Stored items
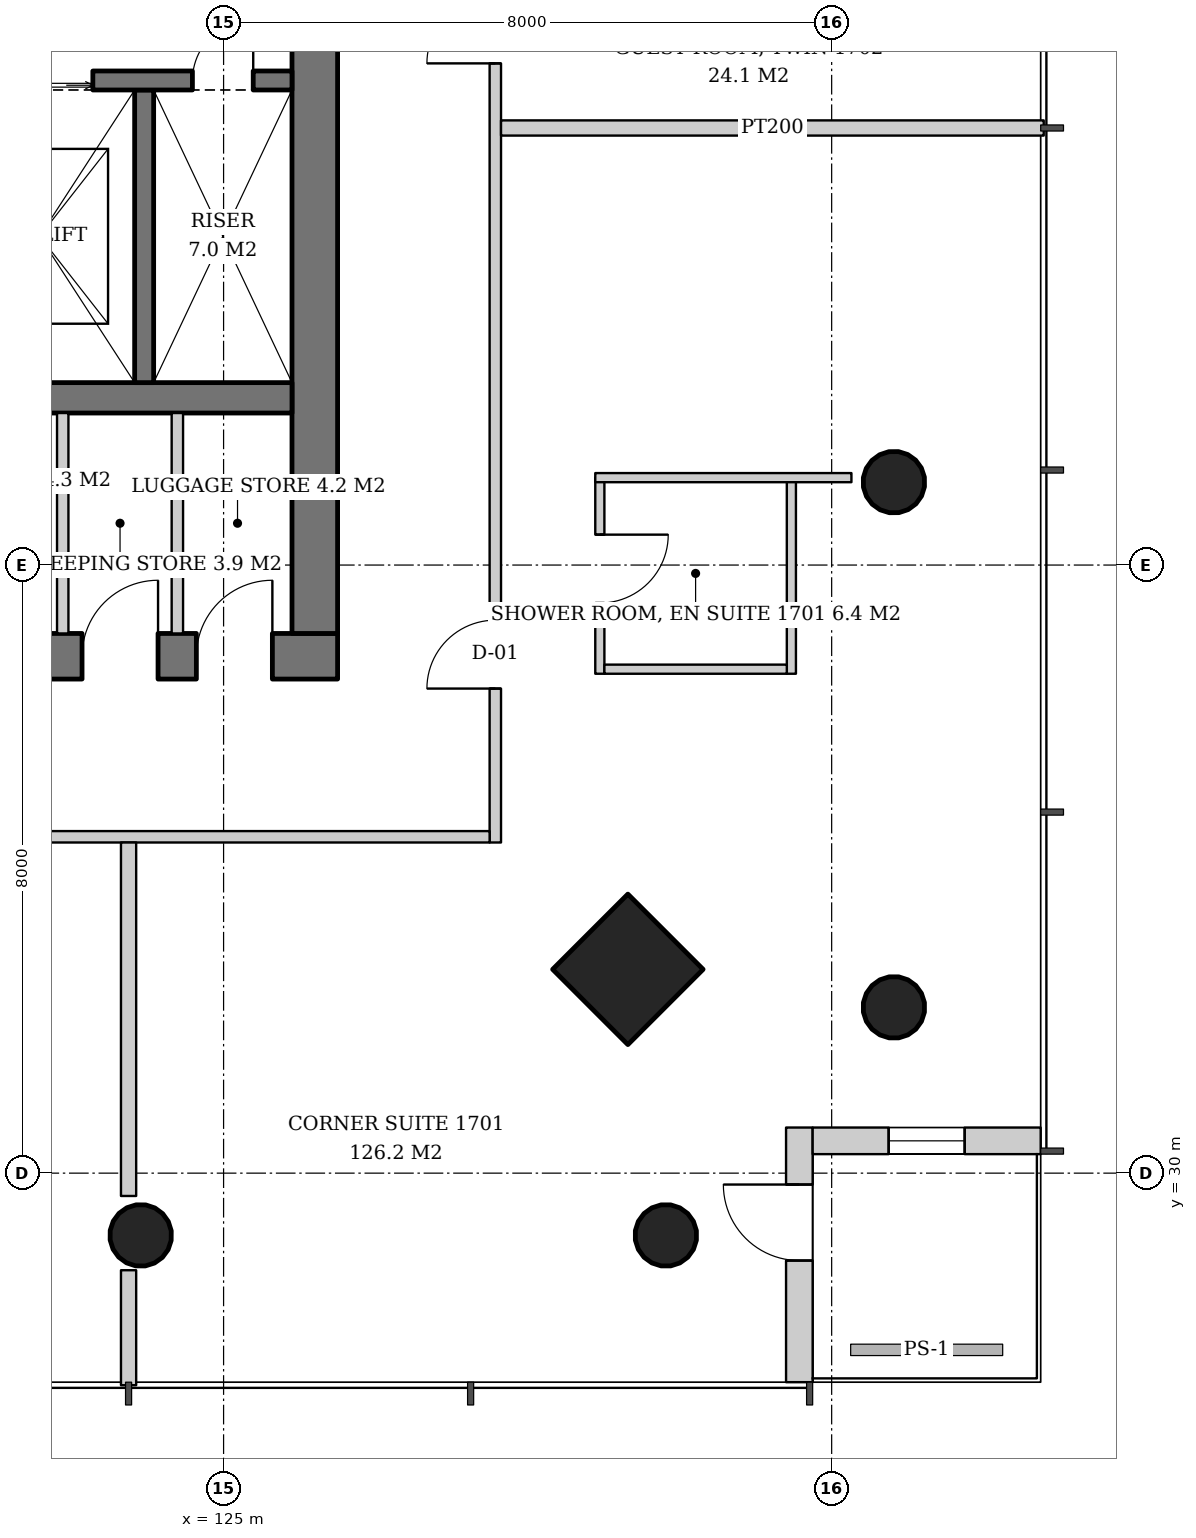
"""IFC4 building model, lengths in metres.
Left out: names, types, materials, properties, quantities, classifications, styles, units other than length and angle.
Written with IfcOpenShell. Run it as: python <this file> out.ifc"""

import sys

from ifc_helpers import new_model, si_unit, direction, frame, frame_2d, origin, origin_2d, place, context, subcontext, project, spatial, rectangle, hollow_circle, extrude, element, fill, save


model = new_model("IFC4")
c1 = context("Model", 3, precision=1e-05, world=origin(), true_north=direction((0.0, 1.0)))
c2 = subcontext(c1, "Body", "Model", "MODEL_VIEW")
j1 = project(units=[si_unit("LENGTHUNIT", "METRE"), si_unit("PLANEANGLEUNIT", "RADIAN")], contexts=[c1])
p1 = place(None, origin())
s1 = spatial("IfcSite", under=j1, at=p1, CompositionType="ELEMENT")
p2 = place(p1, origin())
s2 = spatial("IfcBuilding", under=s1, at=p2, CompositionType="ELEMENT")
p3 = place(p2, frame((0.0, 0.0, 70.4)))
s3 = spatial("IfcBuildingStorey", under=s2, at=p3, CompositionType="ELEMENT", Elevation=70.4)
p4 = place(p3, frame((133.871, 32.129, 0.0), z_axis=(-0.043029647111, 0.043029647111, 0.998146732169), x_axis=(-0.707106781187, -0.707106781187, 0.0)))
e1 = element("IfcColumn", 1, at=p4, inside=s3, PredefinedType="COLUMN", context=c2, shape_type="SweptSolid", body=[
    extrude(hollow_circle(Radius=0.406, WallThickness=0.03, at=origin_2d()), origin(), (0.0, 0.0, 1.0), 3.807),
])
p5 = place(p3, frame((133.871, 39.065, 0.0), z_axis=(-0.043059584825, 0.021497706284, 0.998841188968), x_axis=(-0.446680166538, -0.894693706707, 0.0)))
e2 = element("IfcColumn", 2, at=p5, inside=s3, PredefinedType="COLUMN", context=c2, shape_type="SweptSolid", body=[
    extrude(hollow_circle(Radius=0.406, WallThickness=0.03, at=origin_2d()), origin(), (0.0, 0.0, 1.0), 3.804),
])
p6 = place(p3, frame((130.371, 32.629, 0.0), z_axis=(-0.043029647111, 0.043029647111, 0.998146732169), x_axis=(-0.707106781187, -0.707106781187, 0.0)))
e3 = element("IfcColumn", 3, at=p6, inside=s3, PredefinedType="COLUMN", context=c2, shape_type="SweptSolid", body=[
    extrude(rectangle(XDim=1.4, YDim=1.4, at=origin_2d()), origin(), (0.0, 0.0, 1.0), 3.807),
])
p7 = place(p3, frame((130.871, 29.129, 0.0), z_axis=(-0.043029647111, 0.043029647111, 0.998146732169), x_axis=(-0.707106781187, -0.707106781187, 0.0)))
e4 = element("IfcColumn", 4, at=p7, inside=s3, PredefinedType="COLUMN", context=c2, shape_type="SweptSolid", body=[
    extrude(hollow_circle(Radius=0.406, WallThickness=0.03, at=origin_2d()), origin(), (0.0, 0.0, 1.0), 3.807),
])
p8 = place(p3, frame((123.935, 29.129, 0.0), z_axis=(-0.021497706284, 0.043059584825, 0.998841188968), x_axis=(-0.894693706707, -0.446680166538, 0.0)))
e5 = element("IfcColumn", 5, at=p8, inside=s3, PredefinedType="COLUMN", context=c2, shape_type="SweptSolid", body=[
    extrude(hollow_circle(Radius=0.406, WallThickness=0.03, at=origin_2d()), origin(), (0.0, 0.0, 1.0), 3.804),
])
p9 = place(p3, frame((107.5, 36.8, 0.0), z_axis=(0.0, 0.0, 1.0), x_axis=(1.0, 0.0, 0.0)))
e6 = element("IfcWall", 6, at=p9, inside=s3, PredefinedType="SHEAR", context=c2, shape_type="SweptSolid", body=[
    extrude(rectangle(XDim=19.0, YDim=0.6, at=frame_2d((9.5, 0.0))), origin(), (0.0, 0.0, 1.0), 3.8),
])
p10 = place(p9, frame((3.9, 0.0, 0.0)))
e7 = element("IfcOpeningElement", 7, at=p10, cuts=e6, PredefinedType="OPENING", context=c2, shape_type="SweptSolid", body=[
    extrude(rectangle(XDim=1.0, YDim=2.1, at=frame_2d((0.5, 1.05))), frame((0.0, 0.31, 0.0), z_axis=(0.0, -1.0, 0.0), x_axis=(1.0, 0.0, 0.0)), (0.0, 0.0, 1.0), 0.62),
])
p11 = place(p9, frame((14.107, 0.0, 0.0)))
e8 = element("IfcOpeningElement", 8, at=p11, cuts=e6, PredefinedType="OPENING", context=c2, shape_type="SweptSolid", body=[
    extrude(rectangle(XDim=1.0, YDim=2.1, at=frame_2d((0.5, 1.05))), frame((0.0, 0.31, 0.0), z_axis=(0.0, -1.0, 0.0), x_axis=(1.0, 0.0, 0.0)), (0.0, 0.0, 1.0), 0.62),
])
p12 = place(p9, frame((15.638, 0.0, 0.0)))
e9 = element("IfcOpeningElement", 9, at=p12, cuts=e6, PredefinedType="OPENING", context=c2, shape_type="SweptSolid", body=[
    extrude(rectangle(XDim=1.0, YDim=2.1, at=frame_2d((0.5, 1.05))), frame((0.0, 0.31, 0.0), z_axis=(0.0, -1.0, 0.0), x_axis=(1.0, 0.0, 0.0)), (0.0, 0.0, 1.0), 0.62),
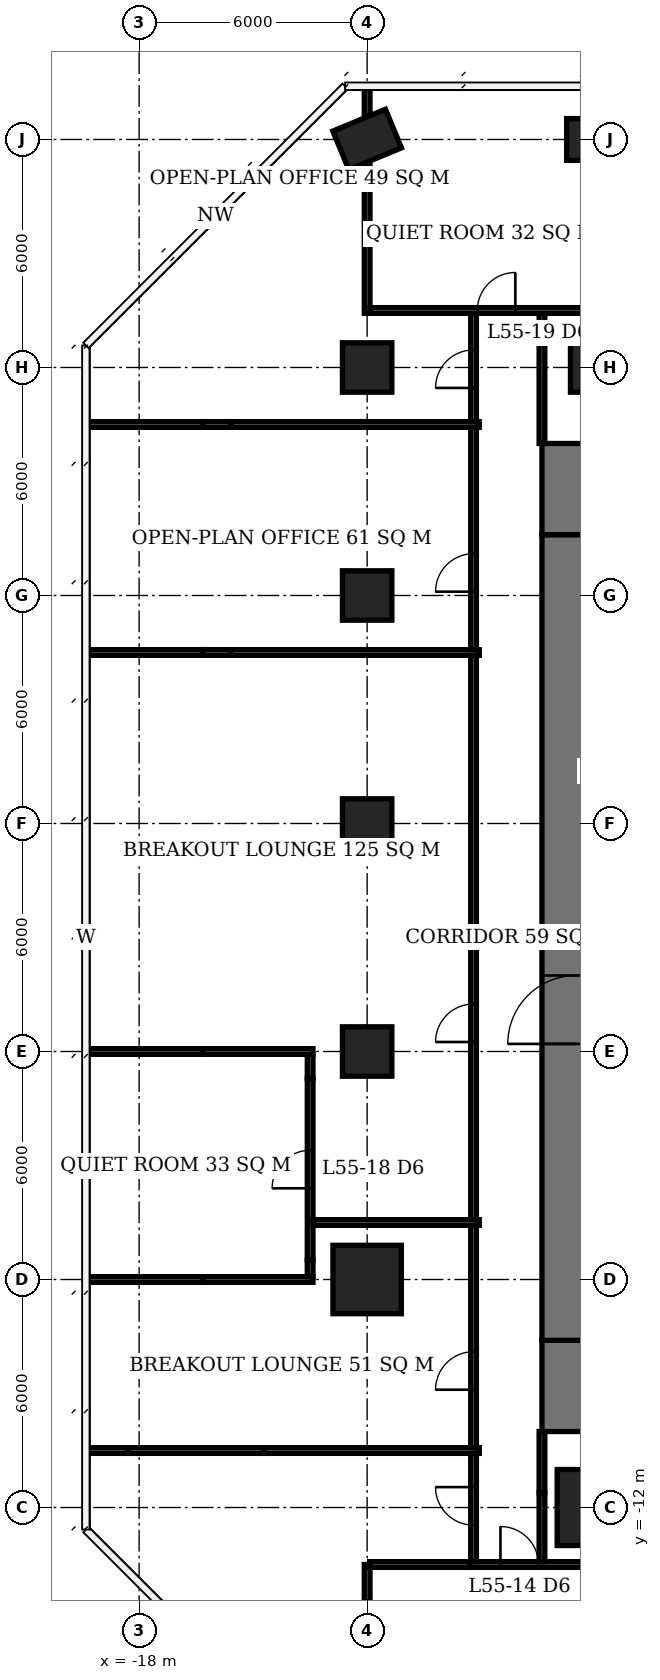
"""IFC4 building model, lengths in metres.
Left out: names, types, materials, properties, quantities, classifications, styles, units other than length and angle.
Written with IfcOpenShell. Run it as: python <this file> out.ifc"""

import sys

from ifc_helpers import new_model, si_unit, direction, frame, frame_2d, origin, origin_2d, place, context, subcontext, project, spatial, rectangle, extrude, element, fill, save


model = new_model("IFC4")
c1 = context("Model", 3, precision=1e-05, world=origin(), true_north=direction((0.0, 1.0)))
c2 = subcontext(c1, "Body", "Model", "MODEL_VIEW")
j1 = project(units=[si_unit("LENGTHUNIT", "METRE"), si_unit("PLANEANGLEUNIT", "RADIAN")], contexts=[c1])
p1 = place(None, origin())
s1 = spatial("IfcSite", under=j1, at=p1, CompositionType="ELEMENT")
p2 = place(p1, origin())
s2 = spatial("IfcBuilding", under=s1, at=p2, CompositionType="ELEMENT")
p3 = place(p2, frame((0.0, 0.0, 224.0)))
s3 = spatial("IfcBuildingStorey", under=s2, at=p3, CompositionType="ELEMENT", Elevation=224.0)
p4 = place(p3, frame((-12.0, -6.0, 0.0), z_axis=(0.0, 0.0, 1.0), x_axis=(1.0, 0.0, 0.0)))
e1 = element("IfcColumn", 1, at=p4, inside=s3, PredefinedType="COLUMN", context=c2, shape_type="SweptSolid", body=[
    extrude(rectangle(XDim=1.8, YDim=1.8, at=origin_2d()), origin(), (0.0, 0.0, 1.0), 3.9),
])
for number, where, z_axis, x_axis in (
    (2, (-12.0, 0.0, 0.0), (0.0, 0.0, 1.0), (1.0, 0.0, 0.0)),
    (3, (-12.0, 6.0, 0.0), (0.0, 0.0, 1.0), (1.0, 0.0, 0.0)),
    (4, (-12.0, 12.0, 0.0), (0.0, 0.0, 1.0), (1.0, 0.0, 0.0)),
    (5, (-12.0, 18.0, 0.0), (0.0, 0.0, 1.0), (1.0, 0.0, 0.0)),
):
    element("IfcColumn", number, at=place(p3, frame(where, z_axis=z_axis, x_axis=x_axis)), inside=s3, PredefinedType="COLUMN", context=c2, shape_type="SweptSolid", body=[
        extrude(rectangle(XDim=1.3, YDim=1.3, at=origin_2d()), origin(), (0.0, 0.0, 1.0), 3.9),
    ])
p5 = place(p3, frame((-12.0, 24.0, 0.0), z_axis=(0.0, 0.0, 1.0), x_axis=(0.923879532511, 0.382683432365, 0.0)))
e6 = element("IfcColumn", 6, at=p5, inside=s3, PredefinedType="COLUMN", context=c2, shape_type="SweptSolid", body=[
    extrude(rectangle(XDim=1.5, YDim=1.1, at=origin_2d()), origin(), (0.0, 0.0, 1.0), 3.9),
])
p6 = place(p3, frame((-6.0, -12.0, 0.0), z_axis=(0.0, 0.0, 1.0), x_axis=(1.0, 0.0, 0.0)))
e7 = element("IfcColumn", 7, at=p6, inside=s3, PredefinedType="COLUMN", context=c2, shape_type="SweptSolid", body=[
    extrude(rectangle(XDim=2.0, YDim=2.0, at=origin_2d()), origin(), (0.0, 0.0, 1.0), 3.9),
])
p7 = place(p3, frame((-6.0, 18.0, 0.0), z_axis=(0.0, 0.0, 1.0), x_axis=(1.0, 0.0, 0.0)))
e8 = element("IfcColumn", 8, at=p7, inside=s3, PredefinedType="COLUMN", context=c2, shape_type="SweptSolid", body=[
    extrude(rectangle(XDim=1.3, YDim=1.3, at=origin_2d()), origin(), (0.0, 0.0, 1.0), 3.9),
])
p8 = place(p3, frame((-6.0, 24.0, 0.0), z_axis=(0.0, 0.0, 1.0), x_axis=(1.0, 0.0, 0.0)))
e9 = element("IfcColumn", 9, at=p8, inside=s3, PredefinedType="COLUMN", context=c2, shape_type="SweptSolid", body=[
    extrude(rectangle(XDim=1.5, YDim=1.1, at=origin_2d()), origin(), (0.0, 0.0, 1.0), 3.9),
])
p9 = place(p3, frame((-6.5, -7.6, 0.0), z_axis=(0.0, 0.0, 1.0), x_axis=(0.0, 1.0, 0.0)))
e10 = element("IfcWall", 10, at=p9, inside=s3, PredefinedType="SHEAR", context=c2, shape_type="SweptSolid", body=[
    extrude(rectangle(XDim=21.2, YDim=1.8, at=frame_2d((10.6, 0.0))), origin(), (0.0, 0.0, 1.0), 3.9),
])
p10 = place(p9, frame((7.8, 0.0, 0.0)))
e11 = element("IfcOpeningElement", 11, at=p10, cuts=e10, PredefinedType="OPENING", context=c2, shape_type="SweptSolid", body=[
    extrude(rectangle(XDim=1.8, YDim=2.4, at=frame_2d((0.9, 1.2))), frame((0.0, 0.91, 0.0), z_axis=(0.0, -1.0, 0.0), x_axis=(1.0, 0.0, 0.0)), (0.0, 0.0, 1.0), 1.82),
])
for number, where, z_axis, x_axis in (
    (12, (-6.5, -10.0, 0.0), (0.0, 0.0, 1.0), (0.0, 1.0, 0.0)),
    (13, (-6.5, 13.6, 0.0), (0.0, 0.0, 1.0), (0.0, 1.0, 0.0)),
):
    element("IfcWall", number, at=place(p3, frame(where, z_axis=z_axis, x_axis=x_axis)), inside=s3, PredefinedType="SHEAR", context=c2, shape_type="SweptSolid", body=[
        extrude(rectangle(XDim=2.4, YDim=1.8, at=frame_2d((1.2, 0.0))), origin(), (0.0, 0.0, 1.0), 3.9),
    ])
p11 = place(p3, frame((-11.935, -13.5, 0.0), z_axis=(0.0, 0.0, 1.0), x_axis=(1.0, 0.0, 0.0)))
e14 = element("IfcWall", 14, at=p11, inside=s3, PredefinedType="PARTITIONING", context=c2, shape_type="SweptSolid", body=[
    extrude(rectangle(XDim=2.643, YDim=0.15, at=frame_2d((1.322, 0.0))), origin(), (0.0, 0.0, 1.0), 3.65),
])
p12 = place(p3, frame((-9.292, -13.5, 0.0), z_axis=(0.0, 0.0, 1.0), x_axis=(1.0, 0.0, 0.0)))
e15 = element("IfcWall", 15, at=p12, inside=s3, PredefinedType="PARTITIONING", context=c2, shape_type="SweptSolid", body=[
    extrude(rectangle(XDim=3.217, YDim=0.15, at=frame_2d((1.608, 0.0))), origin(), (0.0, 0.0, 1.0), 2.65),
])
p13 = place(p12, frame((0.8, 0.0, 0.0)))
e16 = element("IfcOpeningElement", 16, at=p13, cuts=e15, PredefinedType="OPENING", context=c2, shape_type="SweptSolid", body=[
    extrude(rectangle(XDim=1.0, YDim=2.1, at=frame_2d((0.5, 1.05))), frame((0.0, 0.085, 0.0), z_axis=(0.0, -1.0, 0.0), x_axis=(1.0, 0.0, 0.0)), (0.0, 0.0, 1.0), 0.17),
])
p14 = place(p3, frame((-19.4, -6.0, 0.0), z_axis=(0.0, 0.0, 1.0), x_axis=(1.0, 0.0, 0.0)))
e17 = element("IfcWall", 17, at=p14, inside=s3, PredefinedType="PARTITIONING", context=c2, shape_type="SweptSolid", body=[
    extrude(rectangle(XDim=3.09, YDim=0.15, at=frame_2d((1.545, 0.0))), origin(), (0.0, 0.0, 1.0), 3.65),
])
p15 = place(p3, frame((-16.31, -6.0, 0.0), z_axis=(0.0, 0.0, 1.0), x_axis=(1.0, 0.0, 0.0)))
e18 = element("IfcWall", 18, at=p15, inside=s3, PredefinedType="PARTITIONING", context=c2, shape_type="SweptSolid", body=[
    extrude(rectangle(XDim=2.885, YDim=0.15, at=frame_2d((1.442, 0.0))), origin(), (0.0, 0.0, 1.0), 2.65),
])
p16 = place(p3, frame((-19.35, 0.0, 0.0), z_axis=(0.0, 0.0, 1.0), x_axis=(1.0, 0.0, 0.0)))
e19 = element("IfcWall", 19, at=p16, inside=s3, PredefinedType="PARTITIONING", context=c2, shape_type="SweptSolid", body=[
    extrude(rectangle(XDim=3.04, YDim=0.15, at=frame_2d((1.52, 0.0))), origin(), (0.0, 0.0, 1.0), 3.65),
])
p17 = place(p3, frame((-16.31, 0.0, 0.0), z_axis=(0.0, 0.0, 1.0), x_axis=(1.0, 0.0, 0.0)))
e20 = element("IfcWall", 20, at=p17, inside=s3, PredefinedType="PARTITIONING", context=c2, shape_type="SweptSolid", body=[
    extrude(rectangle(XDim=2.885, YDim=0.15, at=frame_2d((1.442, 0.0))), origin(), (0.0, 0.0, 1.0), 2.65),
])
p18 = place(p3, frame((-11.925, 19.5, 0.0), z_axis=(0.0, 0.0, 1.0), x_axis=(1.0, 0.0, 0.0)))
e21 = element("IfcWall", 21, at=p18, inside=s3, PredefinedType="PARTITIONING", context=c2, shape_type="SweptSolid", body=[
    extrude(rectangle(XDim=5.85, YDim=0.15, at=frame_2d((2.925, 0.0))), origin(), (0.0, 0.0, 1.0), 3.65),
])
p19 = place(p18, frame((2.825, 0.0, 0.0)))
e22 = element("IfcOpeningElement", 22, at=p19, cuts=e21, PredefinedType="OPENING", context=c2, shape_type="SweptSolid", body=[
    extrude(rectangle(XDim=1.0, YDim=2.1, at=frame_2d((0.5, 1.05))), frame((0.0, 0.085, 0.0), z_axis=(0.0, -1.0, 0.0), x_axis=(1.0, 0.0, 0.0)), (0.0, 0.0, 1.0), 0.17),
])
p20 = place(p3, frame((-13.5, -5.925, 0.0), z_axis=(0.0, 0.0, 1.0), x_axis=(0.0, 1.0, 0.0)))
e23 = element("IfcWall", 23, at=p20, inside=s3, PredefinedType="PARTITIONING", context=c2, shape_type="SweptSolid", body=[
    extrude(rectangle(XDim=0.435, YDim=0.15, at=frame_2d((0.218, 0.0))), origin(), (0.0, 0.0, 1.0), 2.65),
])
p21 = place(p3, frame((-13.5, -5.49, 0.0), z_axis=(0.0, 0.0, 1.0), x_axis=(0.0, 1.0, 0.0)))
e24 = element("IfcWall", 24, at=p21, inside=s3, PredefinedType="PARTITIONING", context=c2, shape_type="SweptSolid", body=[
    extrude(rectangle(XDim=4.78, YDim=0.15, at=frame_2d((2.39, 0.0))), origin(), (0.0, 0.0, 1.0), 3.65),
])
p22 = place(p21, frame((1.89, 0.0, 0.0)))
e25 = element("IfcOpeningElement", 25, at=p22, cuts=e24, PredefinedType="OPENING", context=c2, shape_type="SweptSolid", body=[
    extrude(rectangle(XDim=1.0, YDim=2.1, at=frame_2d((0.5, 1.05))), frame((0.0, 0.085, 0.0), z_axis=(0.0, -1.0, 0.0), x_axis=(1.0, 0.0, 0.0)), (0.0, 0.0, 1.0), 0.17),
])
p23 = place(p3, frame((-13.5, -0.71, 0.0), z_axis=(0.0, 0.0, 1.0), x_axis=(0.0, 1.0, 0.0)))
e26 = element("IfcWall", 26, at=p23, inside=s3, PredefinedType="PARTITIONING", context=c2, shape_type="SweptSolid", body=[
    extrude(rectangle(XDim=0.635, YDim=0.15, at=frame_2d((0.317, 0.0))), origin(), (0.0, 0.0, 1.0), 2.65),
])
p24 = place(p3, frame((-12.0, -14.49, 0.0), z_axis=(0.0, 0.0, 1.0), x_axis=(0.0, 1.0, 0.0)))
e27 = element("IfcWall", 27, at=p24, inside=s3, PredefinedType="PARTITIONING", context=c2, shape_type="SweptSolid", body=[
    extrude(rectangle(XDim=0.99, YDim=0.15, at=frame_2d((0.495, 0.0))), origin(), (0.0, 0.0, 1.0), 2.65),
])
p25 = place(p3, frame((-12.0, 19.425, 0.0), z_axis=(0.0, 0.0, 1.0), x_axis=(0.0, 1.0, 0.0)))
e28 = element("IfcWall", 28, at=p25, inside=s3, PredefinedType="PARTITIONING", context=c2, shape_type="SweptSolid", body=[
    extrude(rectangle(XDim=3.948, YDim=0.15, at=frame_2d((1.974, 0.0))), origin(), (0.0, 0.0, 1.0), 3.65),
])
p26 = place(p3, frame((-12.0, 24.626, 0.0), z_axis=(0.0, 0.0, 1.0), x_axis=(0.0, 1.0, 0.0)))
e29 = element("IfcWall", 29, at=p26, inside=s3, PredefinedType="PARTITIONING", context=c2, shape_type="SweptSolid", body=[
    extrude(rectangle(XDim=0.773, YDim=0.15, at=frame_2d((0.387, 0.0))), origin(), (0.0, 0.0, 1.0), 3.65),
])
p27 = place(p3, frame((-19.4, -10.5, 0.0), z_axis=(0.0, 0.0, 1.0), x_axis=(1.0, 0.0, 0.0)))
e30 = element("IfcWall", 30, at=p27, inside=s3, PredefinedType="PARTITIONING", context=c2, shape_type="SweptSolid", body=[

• EXERCISE GOAL:
Take the records above and return, word for word, only the lines that fall from the line with "rectangle, extrude, element, fill, save" to the line with "-12.0, 0.0), z_axis=(0.0, 0.0, 1.0), x_axis=(1.0, 0.0, 0.0)))", both of them included.

• ANSWER SPACE:
from ifc_helpers import new_model, si_unit, direction, frame, frame_2d, origin, origin_2d, place, context, subcontext, project, spatial, rectangle, extrude, element, fill, save


model = new_model("IFC4")
c1 = context("Model", 3, precision=1e-05, world=origin(), true_north=direction((0.0, 1.0)))
c2 = subcontext(c1, "Body", "Model", "MODEL_VIEW")
j1 = project(units=[si_unit("LENGTHUNIT", "METRE"), si_unit("PLANEANGLEUNIT", "RADIAN")], contexts=[c1])
p1 = place(None, origin())
s1 = spatial("IfcSite", under=j1, at=p1, CompositionType="ELEMENT")
p2 = place(p1, origin())
s2 = spatial("IfcBuilding", under=s1, at=p2, CompositionType="ELEMENT")
p3 = place(p2, frame((0.0, 0.0, 224.0)))
s3 = spatial("IfcBuildingStorey", under=s2, at=p3, CompositionType="ELEMENT", Elevation=224.0)
p4 = place(p3, frame((-12.0, -6.0, 0.0), z_axis=(0.0, 0.0, 1.0), x_axis=(1.0, 0.0, 0.0)))
e1 = element("IfcColumn", 1, at=p4, inside=s3, PredefinedType="COLUMN", context=c2, shape_type="SweptSolid", body=[
    extrude(rectangle(XDim=1.8, YDim=1.8, at=origin_2d()), origin(), (0.0, 0.0, 1.0), 3.9),
])
for number, where, z_axis, x_axis in (
    (2, (-12.0, 0.0, 0.0), (0.0, 0.0, 1.0), (1.0, 0.0, 0.0)),
    (3, (-12.0, 6.0, 0.0), (0.0, 0.0, 1.0), (1.0, 0.0, 0.0)),
    (4, (-12.0, 12.0, 0.0), (0.0, 0.0, 1.0), (1.0, 0.0, 0.0)),
    (5, (-12.0, 18.0, 0.0), (0.0, 0.0, 1.0), (1.0, 0.0, 0.0)),
):
    element("IfcColumn", number, at=place(p3, frame(where, z_axis=z_axis, x_axis=x_axis)), inside=s3, PredefinedType="COLUMN", context=c2, shape_type="SweptSolid", body=[
        extrude(rectangle(XDim=1.3, YDim=1.3, at=origin_2d()), origin(), (0.0, 0.0, 1.0), 3.9),
    ])
p5 = place(p3, frame((-12.0, 24.0, 0.0), z_axis=(0.0, 0.0, 1.0), x_axis=(0.923879532511, 0.382683432365, 0.0)))
e6 = element("IfcColumn", 6, at=p5, inside=s3, PredefinedType="COLUMN", context=c2, shape_type="SweptSolid", body=[
    extrude(rectangle(XDim=1.5, YDim=1.1, at=origin_2d()), origin(), (0.0, 0.0, 1.0), 3.9),
])
p6 = place(p3, frame((-6.0, -12.0, 0.0), z_axis=(0.0, 0.0, 1.0), x_axis=(1.0, 0.0, 0.0)))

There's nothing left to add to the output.